Exercise brief ::
Show every line from the data below that includes "project".
Content starts
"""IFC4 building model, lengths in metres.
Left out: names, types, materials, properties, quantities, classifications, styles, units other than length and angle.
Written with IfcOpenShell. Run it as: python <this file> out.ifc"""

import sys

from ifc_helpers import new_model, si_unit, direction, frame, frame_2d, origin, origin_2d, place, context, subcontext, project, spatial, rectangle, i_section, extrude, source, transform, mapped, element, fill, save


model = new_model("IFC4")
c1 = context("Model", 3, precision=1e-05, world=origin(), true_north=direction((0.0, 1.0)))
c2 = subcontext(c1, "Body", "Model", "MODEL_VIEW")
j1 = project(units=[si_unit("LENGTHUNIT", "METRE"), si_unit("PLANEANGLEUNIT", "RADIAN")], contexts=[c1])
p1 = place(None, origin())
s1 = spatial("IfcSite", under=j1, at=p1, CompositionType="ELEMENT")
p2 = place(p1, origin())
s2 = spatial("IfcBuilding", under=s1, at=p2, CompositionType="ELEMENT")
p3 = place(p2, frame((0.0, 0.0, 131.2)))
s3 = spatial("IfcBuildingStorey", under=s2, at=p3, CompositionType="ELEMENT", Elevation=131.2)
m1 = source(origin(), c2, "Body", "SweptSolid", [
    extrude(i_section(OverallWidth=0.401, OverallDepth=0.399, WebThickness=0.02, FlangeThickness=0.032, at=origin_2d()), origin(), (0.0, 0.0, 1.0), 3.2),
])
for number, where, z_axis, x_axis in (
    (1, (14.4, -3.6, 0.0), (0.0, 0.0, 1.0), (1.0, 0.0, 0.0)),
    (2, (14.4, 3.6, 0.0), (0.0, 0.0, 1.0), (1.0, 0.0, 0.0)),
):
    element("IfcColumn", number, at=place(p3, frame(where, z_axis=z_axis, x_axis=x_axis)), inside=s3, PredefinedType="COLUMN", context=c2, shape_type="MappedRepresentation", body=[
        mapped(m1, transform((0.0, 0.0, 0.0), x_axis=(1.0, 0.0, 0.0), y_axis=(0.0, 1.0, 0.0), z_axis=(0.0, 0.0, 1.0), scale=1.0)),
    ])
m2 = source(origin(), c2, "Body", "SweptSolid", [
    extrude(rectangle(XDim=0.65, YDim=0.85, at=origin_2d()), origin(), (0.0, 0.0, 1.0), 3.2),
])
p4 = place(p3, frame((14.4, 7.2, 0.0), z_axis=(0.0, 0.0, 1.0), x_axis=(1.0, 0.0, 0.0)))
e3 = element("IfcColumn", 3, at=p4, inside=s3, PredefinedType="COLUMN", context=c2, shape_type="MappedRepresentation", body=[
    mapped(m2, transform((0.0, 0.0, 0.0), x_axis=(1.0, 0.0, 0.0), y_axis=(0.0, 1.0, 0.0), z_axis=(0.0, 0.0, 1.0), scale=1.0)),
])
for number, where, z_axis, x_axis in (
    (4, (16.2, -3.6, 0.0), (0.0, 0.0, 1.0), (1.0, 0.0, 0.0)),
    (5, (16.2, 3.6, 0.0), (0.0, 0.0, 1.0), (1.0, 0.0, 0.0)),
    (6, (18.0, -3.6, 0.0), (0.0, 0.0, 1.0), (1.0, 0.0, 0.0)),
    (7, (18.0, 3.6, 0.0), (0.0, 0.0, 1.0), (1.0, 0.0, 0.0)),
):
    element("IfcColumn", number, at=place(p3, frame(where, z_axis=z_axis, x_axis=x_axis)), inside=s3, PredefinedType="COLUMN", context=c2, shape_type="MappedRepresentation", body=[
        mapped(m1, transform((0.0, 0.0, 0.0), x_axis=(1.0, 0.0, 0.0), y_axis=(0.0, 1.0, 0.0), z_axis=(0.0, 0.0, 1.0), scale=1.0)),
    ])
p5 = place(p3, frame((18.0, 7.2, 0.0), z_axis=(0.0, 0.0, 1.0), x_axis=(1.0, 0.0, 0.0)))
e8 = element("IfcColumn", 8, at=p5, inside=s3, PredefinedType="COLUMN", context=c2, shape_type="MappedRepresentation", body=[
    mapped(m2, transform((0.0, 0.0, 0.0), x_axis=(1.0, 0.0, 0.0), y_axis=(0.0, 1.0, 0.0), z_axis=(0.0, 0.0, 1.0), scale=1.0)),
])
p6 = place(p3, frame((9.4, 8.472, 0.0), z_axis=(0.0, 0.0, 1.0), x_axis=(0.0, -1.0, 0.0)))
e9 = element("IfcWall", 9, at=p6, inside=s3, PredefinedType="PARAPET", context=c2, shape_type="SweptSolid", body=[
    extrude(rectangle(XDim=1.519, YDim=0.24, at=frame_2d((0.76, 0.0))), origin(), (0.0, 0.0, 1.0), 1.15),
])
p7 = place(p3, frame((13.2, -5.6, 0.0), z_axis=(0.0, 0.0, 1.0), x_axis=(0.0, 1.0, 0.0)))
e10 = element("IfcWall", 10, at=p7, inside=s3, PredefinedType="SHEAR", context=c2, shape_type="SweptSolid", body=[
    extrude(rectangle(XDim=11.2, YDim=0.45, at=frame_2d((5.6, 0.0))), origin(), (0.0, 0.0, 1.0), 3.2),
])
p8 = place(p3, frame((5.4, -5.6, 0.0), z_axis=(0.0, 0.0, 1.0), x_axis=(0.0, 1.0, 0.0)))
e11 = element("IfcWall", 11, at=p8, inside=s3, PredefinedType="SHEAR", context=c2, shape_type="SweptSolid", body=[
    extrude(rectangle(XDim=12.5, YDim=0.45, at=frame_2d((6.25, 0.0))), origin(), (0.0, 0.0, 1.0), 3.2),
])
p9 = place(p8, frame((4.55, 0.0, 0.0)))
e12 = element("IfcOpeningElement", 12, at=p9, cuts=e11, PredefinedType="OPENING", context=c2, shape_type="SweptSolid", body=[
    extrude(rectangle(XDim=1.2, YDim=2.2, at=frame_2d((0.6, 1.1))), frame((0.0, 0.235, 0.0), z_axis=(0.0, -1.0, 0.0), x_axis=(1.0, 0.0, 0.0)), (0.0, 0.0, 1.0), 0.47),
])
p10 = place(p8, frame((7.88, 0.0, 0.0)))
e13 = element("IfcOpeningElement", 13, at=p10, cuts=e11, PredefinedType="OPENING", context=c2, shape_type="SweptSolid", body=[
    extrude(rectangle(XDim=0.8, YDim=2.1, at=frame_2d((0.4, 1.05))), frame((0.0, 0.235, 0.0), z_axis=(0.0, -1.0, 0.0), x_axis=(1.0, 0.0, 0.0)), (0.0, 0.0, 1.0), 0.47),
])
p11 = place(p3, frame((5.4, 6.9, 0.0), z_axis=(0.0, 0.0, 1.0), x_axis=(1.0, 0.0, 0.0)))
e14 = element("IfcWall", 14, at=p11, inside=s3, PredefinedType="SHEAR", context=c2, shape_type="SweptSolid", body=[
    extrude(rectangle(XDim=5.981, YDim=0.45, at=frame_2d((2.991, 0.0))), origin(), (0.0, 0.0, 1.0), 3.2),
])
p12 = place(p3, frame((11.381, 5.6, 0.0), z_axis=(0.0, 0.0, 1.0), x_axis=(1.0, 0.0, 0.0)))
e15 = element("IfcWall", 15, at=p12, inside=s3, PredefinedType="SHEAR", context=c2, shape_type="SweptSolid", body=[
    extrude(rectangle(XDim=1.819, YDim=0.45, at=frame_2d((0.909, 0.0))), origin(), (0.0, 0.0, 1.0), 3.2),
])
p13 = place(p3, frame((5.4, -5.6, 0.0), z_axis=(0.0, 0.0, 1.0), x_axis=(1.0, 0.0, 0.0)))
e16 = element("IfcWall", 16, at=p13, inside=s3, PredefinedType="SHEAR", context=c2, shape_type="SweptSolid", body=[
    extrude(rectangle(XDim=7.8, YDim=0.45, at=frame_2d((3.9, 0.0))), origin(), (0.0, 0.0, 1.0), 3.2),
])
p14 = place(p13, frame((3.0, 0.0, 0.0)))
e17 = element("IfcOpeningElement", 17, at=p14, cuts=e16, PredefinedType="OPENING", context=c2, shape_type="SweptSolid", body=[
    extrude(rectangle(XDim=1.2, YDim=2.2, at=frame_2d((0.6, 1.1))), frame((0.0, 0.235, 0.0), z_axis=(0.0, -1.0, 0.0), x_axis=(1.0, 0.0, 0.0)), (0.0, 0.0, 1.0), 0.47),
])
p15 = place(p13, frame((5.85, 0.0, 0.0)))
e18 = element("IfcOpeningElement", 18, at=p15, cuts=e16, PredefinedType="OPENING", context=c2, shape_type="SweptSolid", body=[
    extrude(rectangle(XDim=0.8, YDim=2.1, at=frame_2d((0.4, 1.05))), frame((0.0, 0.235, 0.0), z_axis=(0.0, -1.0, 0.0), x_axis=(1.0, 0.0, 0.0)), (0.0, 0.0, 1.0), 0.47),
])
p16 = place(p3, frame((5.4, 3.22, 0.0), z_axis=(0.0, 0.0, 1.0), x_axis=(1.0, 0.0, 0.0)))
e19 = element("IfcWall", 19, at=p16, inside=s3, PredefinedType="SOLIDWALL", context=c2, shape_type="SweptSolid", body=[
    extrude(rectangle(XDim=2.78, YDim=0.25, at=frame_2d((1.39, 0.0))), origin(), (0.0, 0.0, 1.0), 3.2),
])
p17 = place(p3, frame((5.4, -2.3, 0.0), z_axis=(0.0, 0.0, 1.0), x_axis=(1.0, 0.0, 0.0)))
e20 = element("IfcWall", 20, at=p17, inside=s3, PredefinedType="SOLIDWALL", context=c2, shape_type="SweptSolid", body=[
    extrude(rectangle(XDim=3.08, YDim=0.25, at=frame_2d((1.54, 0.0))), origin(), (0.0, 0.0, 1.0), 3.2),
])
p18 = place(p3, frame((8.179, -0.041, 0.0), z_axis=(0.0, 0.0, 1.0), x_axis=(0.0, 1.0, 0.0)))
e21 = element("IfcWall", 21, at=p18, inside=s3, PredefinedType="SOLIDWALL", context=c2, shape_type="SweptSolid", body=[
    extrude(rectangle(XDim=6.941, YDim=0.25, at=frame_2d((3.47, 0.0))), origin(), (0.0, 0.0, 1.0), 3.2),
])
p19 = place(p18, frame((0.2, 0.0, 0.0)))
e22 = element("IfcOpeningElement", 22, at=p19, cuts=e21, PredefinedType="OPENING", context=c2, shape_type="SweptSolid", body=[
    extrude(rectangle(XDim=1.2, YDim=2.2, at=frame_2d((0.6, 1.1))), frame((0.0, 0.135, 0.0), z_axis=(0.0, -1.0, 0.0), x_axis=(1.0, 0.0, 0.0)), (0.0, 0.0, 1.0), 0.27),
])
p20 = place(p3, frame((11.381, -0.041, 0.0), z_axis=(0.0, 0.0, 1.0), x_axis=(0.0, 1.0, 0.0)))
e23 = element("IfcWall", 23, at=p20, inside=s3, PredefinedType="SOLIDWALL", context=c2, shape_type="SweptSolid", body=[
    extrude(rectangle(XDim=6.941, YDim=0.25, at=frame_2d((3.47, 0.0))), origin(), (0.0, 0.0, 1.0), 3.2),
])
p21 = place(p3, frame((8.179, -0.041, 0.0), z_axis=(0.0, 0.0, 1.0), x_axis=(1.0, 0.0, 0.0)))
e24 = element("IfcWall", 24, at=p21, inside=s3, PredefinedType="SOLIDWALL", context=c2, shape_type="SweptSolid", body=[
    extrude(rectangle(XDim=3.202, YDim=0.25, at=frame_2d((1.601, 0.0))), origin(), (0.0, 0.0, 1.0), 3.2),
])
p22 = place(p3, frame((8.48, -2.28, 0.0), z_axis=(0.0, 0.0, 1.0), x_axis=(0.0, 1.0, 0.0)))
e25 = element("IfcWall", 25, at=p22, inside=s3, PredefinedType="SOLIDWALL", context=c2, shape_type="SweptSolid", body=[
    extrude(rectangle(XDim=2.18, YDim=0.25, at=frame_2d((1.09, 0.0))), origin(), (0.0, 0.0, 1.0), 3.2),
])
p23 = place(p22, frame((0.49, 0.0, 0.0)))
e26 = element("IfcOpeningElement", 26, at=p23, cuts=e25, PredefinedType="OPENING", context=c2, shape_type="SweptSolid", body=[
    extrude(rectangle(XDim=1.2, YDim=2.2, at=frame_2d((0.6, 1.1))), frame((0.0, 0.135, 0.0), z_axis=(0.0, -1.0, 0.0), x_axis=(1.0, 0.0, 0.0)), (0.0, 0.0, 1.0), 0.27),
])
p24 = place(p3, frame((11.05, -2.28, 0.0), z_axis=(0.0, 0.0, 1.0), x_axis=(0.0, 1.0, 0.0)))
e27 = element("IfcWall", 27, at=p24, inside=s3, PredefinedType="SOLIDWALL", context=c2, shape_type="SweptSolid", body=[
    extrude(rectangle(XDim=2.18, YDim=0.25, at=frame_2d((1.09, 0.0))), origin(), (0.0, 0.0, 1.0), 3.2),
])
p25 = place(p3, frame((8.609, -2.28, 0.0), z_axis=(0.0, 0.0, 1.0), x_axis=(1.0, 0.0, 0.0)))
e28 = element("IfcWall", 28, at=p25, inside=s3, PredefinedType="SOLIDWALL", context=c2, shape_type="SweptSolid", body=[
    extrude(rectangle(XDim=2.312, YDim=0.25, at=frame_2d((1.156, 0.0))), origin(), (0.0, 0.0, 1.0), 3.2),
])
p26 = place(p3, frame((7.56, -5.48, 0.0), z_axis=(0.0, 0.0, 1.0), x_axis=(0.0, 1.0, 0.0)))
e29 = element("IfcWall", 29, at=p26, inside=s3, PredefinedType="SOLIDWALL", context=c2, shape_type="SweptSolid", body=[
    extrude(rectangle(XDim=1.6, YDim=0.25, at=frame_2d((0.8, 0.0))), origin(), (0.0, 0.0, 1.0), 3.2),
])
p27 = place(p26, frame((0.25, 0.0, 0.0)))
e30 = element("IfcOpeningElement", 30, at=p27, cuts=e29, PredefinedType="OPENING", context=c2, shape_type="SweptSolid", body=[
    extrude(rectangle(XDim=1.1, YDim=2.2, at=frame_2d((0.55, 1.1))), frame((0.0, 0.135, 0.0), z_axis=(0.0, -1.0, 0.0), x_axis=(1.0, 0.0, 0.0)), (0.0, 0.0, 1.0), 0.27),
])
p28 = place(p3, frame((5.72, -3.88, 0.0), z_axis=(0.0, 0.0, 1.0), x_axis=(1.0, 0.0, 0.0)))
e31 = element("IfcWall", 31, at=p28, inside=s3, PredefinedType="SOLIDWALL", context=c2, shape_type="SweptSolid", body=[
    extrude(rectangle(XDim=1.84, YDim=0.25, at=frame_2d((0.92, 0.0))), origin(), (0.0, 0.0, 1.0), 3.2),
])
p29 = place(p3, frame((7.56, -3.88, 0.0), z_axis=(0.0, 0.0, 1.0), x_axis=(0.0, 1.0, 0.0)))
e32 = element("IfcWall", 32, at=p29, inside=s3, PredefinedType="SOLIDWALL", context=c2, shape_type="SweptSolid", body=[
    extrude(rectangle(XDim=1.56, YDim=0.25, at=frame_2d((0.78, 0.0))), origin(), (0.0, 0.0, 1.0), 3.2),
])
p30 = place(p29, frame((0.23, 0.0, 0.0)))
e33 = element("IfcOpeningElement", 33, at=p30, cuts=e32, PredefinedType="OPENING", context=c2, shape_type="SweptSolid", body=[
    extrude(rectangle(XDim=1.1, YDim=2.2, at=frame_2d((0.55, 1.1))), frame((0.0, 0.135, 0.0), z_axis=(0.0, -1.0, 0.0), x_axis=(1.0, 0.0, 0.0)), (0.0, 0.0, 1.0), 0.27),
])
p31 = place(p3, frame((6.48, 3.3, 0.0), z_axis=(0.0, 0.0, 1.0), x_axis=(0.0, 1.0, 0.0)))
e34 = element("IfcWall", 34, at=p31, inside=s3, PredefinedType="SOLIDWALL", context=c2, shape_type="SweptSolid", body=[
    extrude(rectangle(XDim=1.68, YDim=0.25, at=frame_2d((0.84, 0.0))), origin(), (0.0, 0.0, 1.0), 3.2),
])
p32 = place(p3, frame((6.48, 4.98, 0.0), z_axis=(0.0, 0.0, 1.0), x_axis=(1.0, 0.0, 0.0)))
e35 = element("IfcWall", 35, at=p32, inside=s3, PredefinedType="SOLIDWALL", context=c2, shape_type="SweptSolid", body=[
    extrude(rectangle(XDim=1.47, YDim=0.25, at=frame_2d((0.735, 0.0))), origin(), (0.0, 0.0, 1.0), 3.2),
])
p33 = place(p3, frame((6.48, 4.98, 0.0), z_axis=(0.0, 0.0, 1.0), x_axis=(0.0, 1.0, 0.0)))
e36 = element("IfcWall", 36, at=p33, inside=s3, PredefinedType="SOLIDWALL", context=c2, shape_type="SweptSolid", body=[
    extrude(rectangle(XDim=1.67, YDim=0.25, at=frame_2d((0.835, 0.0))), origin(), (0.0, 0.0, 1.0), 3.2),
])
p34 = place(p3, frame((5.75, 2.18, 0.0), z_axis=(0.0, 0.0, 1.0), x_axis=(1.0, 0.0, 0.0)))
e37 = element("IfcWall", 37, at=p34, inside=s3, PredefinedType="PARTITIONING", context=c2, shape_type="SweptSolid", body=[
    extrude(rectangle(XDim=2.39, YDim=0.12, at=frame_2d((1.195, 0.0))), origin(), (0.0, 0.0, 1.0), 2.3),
Content ends
Response to this exercise ::
from ifc_helpers import new_model, si_unit, direction, frame, frame_2d, origin, origin_2d, place, context, subcontext, project, spatial, rectangle, i_section, extrude, source, transform, mapped, element, fill, save
j1 = project(units=[si_unit("LENGTHUNIT", "METRE"), si_unit("PLANEANGLEUNIT", "RADIAN")], contexts=[c1])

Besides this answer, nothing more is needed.